• **WHAT THE TASK ASKS**:
Search the records below for "ezdxf" and copy every line it turns up in.

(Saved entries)
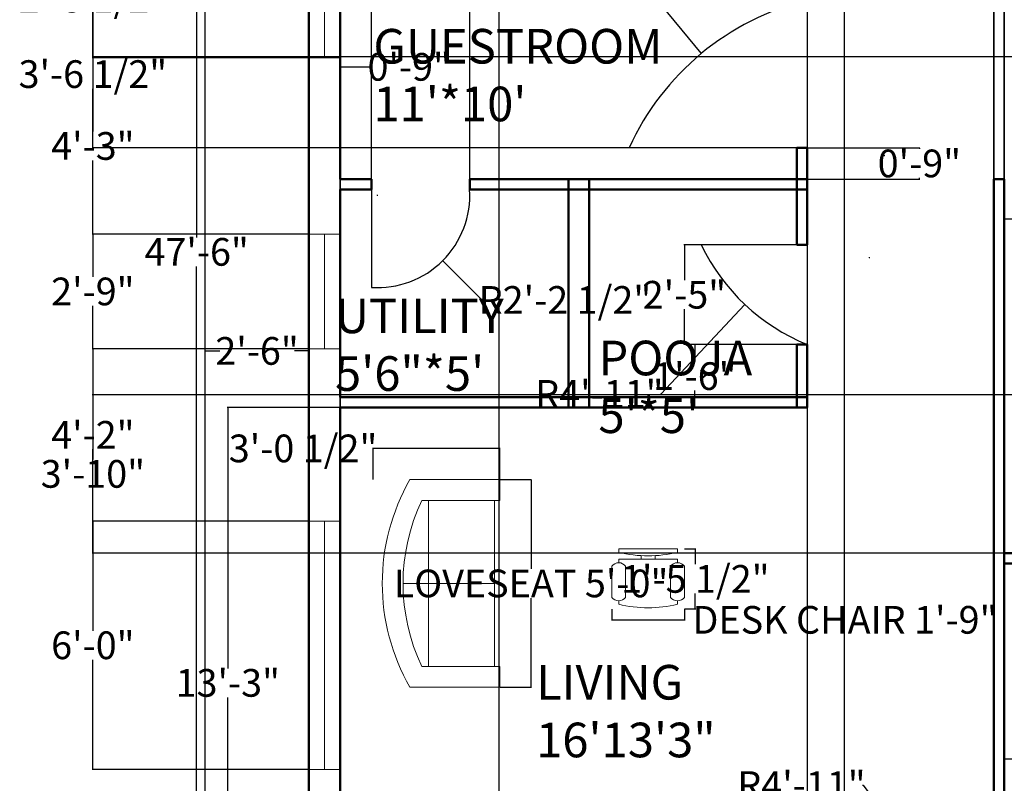
# Model space of a CAD drawing. Units: inches. Extents: x 3437 to 3994, y 3379 to 4084.
# Tile 2 of 6: x 3437 to 3722, y 3555 to 3776. Entities that reach past the tile are written whole.
import ezdxf

# ---------------------------------------------------------------- set-up
doc = ezdxf.new("R2010")
doc.units = ezdxf.units.IN
doc.header["$MEASUREMENT"] = 0
for name, color, linetype, lineweight in [('A-ANNO-DIMS', 2, 'Continuous', 18), ('A-AREA-IDEN', 7, 'Continuous', 25), ('A-DOOR', 3, 'Continuous', 25), ('A-FLOR-CASE', 8, 'Continuous', 25), ('A-FLOR-STRS', 7, 'Continuous', 25), ('A-FURN', 8, 'Continuous', 18), ('A-GLAZ', 4, 'Continuous', 18), ('A-WALL', 7, 'Continuous', 50), ('C-PROP', 3, 'Continuous', 25)]:
    doc.layers.add(name, color=color, linetype=linetype, lineweight=lineweight)
doc.styles.get("Standard").update_dxf_attribs({"font": 'arial.ttf'})
doc.dimstyles.get("Standard").update_dxf_attribs({"dimtxt": 8, "dimasz": 0.18, "dimexe": 0.18, "dimexo": 0.0625, "dimgap": 0.09, "dimtad": 0, "dimtih": 1, "dimtoh": 1, "dimdec": 0, "dimzin": 0, "dimdsep": 46, "dimlunit": 3, "dimtxsty": 'Standard', "dimcen": 0.09, "dimadec": 0, "dimazin": 0, "dimtfac": 1, "dimtdec": 0, "dimtofl": 0, "dimtmove": 0, "dimatfit": 3, "dimfxl": 1, "dimtolj": 1, "dimtzin": 0, "dimarcsym": 0})

# ---------------------------------------------------------------- blocks, each defined once
blk = doc.blocks.new('Sofa - Roundback Loveseat 5 ft.')
for p, q in [((0, -32.44198), (0, -5.99998)), ((-24, -33.99998), (-24, -11.46958)), ((-23.9998, -13.38178), (23.99986, -13.38178)), ((24.00004, -33.99998), (24.00004, -11.46958)), ((-24, -32.44198), (24.00004, -32.44198))]:
    blk.add_line(p, q)
for points in [[(-24, -33.99998), (-30, -33.99998), (-30, -7.99998)], [(30.00004, -7.99998), (30.00004, -33.99998), (24.00004, -33.99998)]]:
    blk.add_lwpolyline(points)
for centre, radius, start, end in [((0, -60.24998), 60.24998, 60.13715, 119.8628), ((0, -61.38438), 55.38444, 64.32083, 115.6792)]:
    blk.add_arc(centre, radius, start, end)
blk = doc.blocks.new('Chair - Desk')
for p, q in [((-8.5, 0), (-8.5, -1)), ((-8.5, 0), (8.5, 0)), ((8.5, 0), (8.5, -1)), ((-2, -3), (-2, -1.9355)), ((2, -1.9576), (2, -3)), ((-10.5, -5), (-10.5, -14)), ((-8.5, -3), (-8.5, -4)), ((-8.5, -3), (8.5, -3)), ((-6.5, -14), (-6.5, -5)), ((6.5, -5), (6.5, -14)), ((8.5, -3), (8.5, -4)), ((10.5, -14), (10.5, -5)), ((-8.5, -15), (-8.5, -16)), ((8.5, -15), (8.5, -16))]:
    blk.add_line(p, q)
for centre, radius, start, end in [((0, 34.625), 36.625, 256.5803, 283.4197), ((-8.5, -6.5), 2.5, 36.8699, 143.1301), ((8.5, -6.5), 2.5, 36.8699, 143.1301), ((-8.5, -12.5), 2.5, 216.8699, 323.1301), ((8.5, -12.5), 2.5, 216.8699, 323.1301), ((0, 19.625), 36.625, 256.5803, 283.4197)]:
    blk.add_arc(centre, radius, start, end)
blk = doc.blocks.new('*D12')
at = {"layer": 'A-ANNO-DIMS', "color": 0, "lineweight": -2, "transparency": 16777216}
for p, q in [((3491.02, 3671.63), (3491.02, 3680.21)), ((3491.2, 3680.03), (3495.23, 3680.03)), ((3520.84, 3680.03), (3516.82, 3680.03)), ((3521.02, 3671.63), (3521.02, 3680.21))]:
    blk.add_line(p, q, dxfattribs=at)
at = {"layer": 'A-ANNO-DIMS', "color": 0, "transparency": 16777216}
for points in [[(3491.2, 3680.06), (3491.2, 3680), (3491.02, 3680.03)], [(3520.84, 3680.06), (3520.84, 3680), (3521.02, 3680.03)]]:
    blk.add_solid(points, dxfattribs=at)
at = {"layer": 'Defpoints', "color": 0, "transparency": 16777216}
for p in [(3491.02, 3680.03), (3491.02, 3671.57), (3521.02, 3671.57)]:
    blk.add_point(p, dxfattribs=at)
at = {"layer": 'A-ANNO-DIMS', "color": 0, "transparency": 16777216, "insert": (3506.02, 3680.03), "char_height": 8, "attachment_point": 5}
blk.add_mtext('\\A1;2\'-6"', dxfattribs=at)
blk = doc.blocks.new('*D21')
at = {"layer": 'A-ANNO-DIMS', "color": 0, "lineweight": -2, "transparency": 16777216}
for p, q in [((3576.28, 3642.87), (3585.4, 3642.87)), ((3585.22, 3642.69), (3585.22, 3617.09)), ((3585.22, 3583.05), (3585.22, 3608.64)), ((3576.28, 3582.87), (3585.4, 3582.87))]:
    blk.add_line(p, q, dxfattribs=at)
at = {"layer": 'A-ANNO-DIMS', "color": 0, "transparency": 16777216}
for points in [[(3585.19, 3642.69), (3585.25, 3642.69), (3585.22, 3642.87)], [(3585.19, 3583.05), (3585.25, 3583.05), (3585.22, 3582.87)]]:
    blk.add_solid(points, dxfattribs=at)
at = {"layer": 'Defpoints', "color": 0, "transparency": 16777216}
for p in [(3576.22, 3642.87), (3585.22, 3642.87), (3576.22, 3582.87)]:
    blk.add_point(p, dxfattribs=at)
at = {"layer": 'A-ANNO-DIMS', "color": 0, "transparency": 16777216, "insert": (3585.22, 3612.87), "char_height": 8, "attachment_point": 5}
blk.add_mtext('\\A1;LOVESEAT 5\'-0"', dxfattribs=at)
blk = doc.blocks.new('*D22')
at = {"layer": 'A-ANNO-DIMS', "color": 0, "lineweight": -2, "transparency": 16777216}
for p, q in [((3539.55, 3651.87), (3539.37, 3651.87)), ((3539.55, 3642.93), (3539.55, 3652.05)), ((3576.04, 3651.87), (3539.73, 3651.87)), ((3576.22, 3642.93), (3576.22, 3652.05))]:
    blk.add_line(p, q, dxfattribs=at)
at = {"layer": 'A-ANNO-DIMS', "color": 0, "transparency": 16777216}
for points in [[(3539.73, 3651.9), (3539.73, 3651.84), (3539.55, 3651.87)], [(3576.04, 3651.9), (3576.04, 3651.84), (3576.22, 3651.87)]]:
    blk.add_solid(points, dxfattribs=at)
at = {"layer": 'Defpoints', "color": 0, "transparency": 16777216}
for p in [(3539.55, 3651.87), (3539.55, 3642.87), (3576.22, 3642.87)]:
    blk.add_point(p, dxfattribs=at)
at = {"layer": 'A-ANNO-DIMS', "color": 0, "transparency": 16777216, "insert": (3519.33, 3651.87), "char_height": 8, "attachment_point": 5}
blk.add_mtext('\\A1;3\'-0 1/2"', dxfattribs=at)
blk = doc.blocks.new('*D25')
at = {"layer": 'A-ANNO-DIMS', "color": 0, "lineweight": -2, "transparency": 16777216}
for p, q in [((3608.56, 3605.44), (3608.56, 3602.17)), ((3629.56, 3605.44), (3629.56, 3602.17)), ((3608.74, 3602.35), (3629.38, 3602.35)), ((3629.56, 3602.35), (3629.74, 3602.35))]:
    blk.add_line(p, q, dxfattribs=at)
at = {"layer": 'A-ANNO-DIMS', "color": 0, "transparency": 16777216}
for points in [[(3608.74, 3602.38), (3608.74, 3602.32), (3608.56, 3602.35)], [(3629.38, 3602.38), (3629.38, 3602.32), (3629.56, 3602.35)]]:
    blk.add_solid(points, dxfattribs=at)
at = {"layer": 'Defpoints', "color": 0, "transparency": 16777216}
for p in [(3608.56, 3605.5), (3629.56, 3605.5), (3629.56, 3602.35)]:
    blk.add_point(p, dxfattribs=at)
at = {"layer": 'A-ANNO-DIMS', "color": 0, "transparency": 16777216, "insert": (3675.97, 3602.35), "char_height": 8, "attachment_point": 5}
blk.add_mtext('\\A1;DESK CHAIR 1\'-9"', dxfattribs=at)
blk = doc.blocks.new('*D26')
at = {"layer": 'A-ANNO-DIMS', "color": 0, "lineweight": -2, "transparency": 16777216}
for p, q in [((3629.62, 3622.84), (3632.89, 3622.84)), ((3632.71, 3622.66), (3632.71, 3618.39)), ((3632.71, 3605.68), (3632.71, 3609.94)), ((3629.62, 3605.5), (3632.89, 3605.5))]:
    blk.add_line(p, q, dxfattribs=at)
at = {"layer": 'A-ANNO-DIMS', "color": 0, "transparency": 16777216}
for points in [[(3632.68, 3622.66), (3632.74, 3622.66), (3632.71, 3622.84)], [(3632.68, 3605.68), (3632.74, 3605.68), (3632.71, 3605.5)]]:
    blk.add_solid(points, dxfattribs=at)
at = {"layer": 'Defpoints', "color": 0, "transparency": 16777216}
for p in [(3629.56, 3622.84), (3632.71, 3622.84), (3629.56, 3605.5)]:
    blk.add_point(p, dxfattribs=at)
at = {"layer": 'A-ANNO-DIMS', "color": 0, "transparency": 16777216, "insert": (3632.71, 3614.17), "char_height": 8, "attachment_point": 5}
blk.add_mtext('\\A1;1\'-5 1/2"', dxfattribs=at)
blk = doc.blocks.new('*D28')
at = {"layer": 'A-ANNO-DIMS', "color": 0, "lineweight": -2, "transparency": 16777216}
for p, q in [((3520.96, 3993.64), (3488.39, 3993.64)), ((3488.57, 3993.46), (3488.57, 3712.81)), ((3488.57, 3423.82), (3488.57, 3704.46)), ((3520.96, 3423.64), (3488.39, 3423.64))]:
    blk.add_line(p, q, dxfattribs=at)
at = {"layer": 'A-ANNO-DIMS', "color": 0, "transparency": 16777216}
for points in [[(3488.54, 3993.46), (3488.6, 3993.46), (3488.57, 3993.64)], [(3488.54, 3423.82), (3488.6, 3423.82), (3488.57, 3423.64)]]:
    blk.add_solid(points, dxfattribs=at)
at = {"layer": 'Defpoints', "color": 0, "transparency": 16777216}
for p in [(3488.57, 3993.64), (3521.02, 3993.64), (3521.02, 3423.64)]:
    blk.add_point(p, dxfattribs=at)
at = {"layer": 'A-ANNO-DIMS', "color": 0, "transparency": 16777216, "insert": (3488.57, 3708.64), "char_height": 8, "attachment_point": 5}
blk.add_mtext('\\A1;47\'-6"', dxfattribs=at)
blk = doc.blocks.new('*D36')
at = {"layer": 'A-ANNO-DIMS', "color": 0, "lineweight": -2, "transparency": 16777216}
for p, q in [((3520.96, 3821.48), (3458.39, 3821.48)), ((3458.57, 3821.3), (3458.57, 3797.26)), ((3458.57, 3764.87), (3458.57, 3788.91)), ((3520.96, 3764.69), (3458.39, 3764.69))]:
    blk.add_line(p, q, dxfattribs=at)
at = {"layer": 'A-ANNO-DIMS', "color": 0, "transparency": 16777216}
for points in [[(3458.54, 3821.3), (3458.6, 3821.3), (3458.57, 3821.48)], [(3458.54, 3764.87), (3458.6, 3764.87), (3458.57, 3764.69)]]:
    blk.add_solid(points, dxfattribs=at)
at = {"layer": 'Defpoints', "color": 0, "transparency": 16777216}
for p in [(3521.02, 3821.48), (3458.57, 3764.69), (3521.02, 3764.69)]:
    blk.add_point(p, dxfattribs=at)
at = {"layer": 'A-ANNO-DIMS', "color": 0, "transparency": 16777216, "insert": (3458.57, 3793.09), "char_height": 8, "attachment_point": 5}
blk.add_mtext('\\A1;4\'-9"', dxfattribs=at)
blk = doc.blocks.new('*D37')
at = {"layer": 'A-ANNO-DIMS', "color": 0, "lineweight": -2, "transparency": 16777216}
for p, q in [((3520.96, 3764.69), (3458.39, 3764.69)), ((3458.57, 3764.51), (3458.57, 3743.41)), ((3458.57, 3713.95), (3458.57, 3735.05)), ((3520.96, 3713.77), (3458.39, 3713.77))]:
    blk.add_line(p, q, dxfattribs=at)
at = {"layer": 'A-ANNO-DIMS', "color": 0, "transparency": 16777216}
for points in [[(3458.54, 3764.51), (3458.6, 3764.51), (3458.57, 3764.69)], [(3458.54, 3713.95), (3458.6, 3713.95), (3458.57, 3713.77)]]:
    blk.add_solid(points, dxfattribs=at)
at = {"layer": 'Defpoints', "color": 0, "transparency": 16777216}
for p in [(3521.02, 3764.69), (3458.57, 3713.77), (3521.02, 3713.77)]:
    blk.add_point(p, dxfattribs=at)
at = {"layer": 'A-ANNO-DIMS', "color": 0, "transparency": 16777216, "insert": (3458.57, 3739.23), "char_height": 8, "attachment_point": 5}
blk.add_mtext('\\A1;4\'-3"', dxfattribs=at)
blk = doc.blocks.new('*D38')
at = {"layer": 'A-ANNO-DIMS', "color": 0, "lineweight": -2, "transparency": 16777216}
for p, q in [((3520.96, 3713.77), (3458.39, 3713.77)), ((3458.57, 3713.59), (3458.57, 3701.39)), ((3458.57, 3680.83), (3458.57, 3693.04)), ((3520.96, 3680.65), (3458.39, 3680.65))]:
    blk.add_line(p, q, dxfattribs=at)
at = {"layer": 'A-ANNO-DIMS', "color": 0, "transparency": 16777216}
for points in [[(3458.54, 3713.59), (3458.6, 3713.59), (3458.57, 3713.77)], [(3458.54, 3680.83), (3458.6, 3680.83), (3458.57, 3680.65)]]:
    blk.add_solid(points, dxfattribs=at)
at = {"layer": 'Defpoints', "color": 0, "transparency": 16777216}
for p in [(3521.02, 3713.77), (3458.57, 3680.65), (3521.02, 3680.65)]:
    blk.add_point(p, dxfattribs=at)
at = {"layer": 'A-ANNO-DIMS', "color": 0, "transparency": 16777216, "insert": (3458.57, 3697.21), "char_height": 8, "attachment_point": 5}
blk.add_mtext('\\A1;2\'-9"', dxfattribs=at)
blk = doc.blocks.new('*D39')
at = {"layer": 'A-ANNO-DIMS', "color": 0, "lineweight": -2, "transparency": 16777216}
for p, q in [((3520.96, 3680.65), (3458.39, 3680.65)), ((3458.57, 3680.47), (3458.57, 3659.88)), ((3458.57, 3631.08), (3458.57, 3651.67)), ((3520.96, 3630.9), (3458.39, 3630.9))]:
    blk.add_line(p, q, dxfattribs=at)
at = {"layer": 'A-ANNO-DIMS', "color": 0, "transparency": 16777216}
for points in [[(3458.54, 3680.47), (3458.6, 3680.47), (3458.57, 3680.65)], [(3458.54, 3631.08), (3458.6, 3631.08), (3458.57, 3630.9)]]:
    blk.add_solid(points, dxfattribs=at)
at = {"layer": 'Defpoints', "color": 0, "transparency": 16777216}
for p in [(3521.02, 3680.65), (3458.57, 3630.9), (3521.02, 3630.9)]:
    blk.add_point(p, dxfattribs=at)
at = {"layer": 'A-ANNO-DIMS', "color": 0, "transparency": 16777216, "insert": (3458.57, 3655.78), "char_height": 8, "attachment_point": 5}
blk.add_mtext('\\A1;4\'-2"', dxfattribs=at)
blk = doc.blocks.new('*D40')
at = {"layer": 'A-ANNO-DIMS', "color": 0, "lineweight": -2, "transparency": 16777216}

• **EXPECTED OUTPUT**:
import ezdxf
doc = ezdxf.new("R2010")
doc.units = ezdxf.units.IN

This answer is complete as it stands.